Data for analysis
*** Begin section ***

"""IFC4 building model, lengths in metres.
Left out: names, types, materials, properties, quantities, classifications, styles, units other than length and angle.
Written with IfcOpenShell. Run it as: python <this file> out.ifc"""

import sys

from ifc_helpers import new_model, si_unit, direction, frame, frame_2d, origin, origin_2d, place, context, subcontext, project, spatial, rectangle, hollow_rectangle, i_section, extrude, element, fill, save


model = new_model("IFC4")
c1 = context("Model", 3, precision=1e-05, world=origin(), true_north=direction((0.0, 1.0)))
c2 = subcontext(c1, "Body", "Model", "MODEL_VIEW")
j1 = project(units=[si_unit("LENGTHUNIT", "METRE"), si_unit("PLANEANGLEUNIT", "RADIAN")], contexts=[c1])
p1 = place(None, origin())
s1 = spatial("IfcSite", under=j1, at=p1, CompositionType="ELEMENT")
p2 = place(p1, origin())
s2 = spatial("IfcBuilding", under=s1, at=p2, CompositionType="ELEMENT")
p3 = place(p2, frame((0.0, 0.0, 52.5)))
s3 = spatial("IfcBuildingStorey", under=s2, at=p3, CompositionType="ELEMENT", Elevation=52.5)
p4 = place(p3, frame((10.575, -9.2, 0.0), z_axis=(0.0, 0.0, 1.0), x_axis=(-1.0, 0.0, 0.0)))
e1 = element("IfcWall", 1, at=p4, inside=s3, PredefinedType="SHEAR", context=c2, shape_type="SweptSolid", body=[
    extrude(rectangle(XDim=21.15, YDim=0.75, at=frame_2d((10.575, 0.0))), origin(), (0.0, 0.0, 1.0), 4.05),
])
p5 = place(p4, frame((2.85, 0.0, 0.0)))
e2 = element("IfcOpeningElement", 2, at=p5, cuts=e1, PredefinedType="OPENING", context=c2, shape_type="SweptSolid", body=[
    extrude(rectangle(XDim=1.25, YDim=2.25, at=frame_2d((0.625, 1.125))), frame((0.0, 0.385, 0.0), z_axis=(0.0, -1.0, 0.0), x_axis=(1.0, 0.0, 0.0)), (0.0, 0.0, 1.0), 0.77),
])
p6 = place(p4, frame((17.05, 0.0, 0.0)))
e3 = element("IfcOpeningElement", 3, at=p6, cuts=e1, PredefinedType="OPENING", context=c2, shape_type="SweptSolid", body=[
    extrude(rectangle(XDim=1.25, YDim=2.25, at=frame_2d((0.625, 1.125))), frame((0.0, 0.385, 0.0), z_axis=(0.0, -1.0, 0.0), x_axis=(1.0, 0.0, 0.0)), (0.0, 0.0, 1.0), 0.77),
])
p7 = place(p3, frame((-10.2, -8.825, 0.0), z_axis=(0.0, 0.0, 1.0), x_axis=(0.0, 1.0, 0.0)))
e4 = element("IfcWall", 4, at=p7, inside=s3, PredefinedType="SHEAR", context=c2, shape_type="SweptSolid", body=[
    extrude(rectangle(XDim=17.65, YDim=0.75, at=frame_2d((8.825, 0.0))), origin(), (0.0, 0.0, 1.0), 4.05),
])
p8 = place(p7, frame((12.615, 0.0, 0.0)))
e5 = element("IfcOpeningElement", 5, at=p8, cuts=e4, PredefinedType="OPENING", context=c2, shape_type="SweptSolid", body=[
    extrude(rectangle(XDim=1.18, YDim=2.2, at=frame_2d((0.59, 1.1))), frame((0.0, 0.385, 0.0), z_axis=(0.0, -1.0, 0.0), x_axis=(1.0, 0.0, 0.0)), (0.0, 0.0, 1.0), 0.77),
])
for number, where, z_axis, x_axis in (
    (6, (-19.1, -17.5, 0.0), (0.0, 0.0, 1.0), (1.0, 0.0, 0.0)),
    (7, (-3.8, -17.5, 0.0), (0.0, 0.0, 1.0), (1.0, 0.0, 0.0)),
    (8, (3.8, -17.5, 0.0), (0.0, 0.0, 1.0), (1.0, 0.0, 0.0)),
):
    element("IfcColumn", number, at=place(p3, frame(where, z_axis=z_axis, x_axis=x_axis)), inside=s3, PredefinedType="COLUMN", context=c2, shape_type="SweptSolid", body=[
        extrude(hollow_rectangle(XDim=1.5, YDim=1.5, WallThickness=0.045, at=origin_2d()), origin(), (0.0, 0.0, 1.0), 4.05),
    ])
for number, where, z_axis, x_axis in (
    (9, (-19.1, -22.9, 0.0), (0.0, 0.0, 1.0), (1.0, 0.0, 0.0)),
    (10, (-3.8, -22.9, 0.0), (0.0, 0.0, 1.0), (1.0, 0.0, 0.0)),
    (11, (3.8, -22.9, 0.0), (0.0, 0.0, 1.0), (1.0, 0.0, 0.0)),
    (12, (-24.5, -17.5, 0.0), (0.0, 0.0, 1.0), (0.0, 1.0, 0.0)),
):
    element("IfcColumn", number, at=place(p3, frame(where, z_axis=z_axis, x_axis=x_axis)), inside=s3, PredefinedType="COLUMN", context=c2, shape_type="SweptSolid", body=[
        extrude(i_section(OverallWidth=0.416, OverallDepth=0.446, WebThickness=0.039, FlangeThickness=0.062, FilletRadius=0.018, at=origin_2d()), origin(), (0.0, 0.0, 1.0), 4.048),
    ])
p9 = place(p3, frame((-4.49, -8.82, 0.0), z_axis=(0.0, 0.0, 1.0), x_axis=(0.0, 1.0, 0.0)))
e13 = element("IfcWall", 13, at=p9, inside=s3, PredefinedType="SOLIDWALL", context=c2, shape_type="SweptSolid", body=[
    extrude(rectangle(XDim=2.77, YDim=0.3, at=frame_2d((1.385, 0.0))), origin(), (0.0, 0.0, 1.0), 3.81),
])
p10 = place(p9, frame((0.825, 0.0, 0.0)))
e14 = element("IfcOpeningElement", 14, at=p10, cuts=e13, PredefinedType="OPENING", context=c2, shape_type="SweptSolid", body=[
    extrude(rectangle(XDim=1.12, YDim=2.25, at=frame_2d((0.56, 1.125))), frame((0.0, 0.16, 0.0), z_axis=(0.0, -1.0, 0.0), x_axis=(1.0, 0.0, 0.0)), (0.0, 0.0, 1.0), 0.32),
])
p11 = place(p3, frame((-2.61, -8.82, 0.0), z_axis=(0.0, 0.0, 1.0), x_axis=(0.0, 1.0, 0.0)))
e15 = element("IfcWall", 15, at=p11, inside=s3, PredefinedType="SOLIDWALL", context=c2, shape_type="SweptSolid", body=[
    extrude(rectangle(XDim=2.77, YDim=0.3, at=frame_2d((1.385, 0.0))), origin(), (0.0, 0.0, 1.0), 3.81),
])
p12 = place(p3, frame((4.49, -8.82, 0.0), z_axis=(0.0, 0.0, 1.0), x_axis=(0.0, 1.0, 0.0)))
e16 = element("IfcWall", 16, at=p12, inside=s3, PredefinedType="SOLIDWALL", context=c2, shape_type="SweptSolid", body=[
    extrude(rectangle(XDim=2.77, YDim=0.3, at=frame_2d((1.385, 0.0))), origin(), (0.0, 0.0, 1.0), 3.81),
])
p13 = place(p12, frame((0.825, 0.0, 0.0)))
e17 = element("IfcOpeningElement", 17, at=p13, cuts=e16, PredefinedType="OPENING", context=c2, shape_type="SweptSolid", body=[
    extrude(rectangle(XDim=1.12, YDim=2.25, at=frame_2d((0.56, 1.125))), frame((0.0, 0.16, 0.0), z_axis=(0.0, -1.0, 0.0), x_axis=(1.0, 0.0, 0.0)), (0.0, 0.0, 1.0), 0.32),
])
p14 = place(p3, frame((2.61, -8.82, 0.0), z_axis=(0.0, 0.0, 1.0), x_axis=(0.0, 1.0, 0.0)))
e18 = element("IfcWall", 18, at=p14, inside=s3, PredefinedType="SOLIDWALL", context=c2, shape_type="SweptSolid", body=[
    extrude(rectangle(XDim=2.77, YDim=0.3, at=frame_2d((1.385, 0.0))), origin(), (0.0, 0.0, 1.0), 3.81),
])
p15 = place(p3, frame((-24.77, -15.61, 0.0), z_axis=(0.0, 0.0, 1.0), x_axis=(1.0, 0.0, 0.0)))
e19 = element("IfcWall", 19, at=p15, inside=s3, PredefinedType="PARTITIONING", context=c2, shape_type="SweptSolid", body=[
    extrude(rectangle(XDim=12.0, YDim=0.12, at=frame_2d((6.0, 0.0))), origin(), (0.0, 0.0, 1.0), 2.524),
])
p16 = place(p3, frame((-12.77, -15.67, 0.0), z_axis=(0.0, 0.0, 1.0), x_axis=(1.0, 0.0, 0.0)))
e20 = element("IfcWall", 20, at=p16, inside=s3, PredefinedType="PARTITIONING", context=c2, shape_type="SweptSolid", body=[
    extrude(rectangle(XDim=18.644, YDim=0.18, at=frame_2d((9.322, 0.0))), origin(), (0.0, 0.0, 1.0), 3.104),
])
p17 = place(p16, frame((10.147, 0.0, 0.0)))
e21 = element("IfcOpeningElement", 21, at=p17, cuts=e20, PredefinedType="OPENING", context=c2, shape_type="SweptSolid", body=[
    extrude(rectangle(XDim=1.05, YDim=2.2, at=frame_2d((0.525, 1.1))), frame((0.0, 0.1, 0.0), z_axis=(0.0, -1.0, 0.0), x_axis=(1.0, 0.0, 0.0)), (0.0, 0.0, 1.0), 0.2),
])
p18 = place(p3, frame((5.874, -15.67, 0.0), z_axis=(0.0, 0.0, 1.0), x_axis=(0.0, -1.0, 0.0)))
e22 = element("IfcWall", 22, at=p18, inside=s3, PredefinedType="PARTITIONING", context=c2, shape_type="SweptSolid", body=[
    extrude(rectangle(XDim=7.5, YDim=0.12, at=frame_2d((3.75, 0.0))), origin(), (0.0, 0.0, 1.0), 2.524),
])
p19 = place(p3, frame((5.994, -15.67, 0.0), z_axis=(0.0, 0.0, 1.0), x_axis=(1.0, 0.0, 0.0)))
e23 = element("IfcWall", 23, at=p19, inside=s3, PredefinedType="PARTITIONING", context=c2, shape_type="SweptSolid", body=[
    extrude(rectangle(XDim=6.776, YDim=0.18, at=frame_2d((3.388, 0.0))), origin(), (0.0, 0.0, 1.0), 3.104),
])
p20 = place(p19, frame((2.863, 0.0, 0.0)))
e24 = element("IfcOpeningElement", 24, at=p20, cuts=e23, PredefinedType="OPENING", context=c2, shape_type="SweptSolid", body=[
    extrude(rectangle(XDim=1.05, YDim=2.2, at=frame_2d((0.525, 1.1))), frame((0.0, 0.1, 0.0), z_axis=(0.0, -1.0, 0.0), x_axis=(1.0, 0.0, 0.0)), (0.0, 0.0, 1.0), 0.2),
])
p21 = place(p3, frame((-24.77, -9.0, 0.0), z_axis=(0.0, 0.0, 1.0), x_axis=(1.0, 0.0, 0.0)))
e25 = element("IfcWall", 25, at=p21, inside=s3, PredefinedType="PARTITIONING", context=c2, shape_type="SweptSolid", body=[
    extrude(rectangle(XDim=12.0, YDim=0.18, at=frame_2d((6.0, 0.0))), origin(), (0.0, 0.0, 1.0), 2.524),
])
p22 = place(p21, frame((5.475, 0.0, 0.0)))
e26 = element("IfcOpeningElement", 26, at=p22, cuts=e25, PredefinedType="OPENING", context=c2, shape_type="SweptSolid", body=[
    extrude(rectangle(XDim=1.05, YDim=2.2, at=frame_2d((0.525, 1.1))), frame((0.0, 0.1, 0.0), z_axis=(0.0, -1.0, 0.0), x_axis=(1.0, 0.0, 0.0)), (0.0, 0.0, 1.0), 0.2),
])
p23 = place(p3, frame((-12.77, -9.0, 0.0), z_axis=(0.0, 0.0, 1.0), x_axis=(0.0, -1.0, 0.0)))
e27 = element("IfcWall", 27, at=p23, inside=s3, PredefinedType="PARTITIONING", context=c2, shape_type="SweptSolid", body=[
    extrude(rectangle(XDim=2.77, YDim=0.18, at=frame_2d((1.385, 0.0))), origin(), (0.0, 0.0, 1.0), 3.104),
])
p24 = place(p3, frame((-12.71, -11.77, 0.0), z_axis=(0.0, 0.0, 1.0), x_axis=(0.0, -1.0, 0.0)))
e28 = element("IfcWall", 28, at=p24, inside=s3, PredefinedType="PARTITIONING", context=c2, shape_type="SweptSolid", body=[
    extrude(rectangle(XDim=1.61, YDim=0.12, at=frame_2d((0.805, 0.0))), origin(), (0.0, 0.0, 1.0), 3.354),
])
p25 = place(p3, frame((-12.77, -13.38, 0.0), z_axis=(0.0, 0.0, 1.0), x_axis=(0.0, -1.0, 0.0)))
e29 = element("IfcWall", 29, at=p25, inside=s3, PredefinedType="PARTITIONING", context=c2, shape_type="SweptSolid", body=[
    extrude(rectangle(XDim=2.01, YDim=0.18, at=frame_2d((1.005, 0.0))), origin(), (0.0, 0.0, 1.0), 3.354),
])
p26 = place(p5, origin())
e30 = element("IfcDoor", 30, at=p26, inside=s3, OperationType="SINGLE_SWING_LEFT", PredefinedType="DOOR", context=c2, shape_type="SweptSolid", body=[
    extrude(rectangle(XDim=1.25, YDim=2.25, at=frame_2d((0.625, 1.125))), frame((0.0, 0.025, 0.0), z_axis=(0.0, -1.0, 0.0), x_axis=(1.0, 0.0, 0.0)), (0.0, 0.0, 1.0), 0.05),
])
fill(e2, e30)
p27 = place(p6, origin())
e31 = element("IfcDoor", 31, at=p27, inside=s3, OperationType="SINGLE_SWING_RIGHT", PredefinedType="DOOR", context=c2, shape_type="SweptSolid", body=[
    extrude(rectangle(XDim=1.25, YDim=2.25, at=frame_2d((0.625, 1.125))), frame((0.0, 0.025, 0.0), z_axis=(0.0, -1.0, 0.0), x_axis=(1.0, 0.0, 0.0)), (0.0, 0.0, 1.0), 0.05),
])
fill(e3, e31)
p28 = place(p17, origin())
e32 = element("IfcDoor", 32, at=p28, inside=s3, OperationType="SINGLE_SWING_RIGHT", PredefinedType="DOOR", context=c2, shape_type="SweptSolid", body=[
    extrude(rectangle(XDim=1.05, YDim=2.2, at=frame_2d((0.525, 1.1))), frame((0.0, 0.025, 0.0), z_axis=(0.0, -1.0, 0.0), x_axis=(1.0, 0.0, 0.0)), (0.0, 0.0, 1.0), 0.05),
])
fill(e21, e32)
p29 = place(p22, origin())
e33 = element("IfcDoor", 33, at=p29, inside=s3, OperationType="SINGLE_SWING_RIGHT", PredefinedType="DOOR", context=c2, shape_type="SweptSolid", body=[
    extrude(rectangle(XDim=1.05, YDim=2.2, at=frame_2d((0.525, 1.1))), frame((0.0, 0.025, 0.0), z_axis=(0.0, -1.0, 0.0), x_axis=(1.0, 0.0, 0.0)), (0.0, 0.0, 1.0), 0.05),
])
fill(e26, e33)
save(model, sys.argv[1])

*** End section ***

Work to complete
The number of lines in the data holding the string "SHEAR" is the whole answer.

Worked solution
2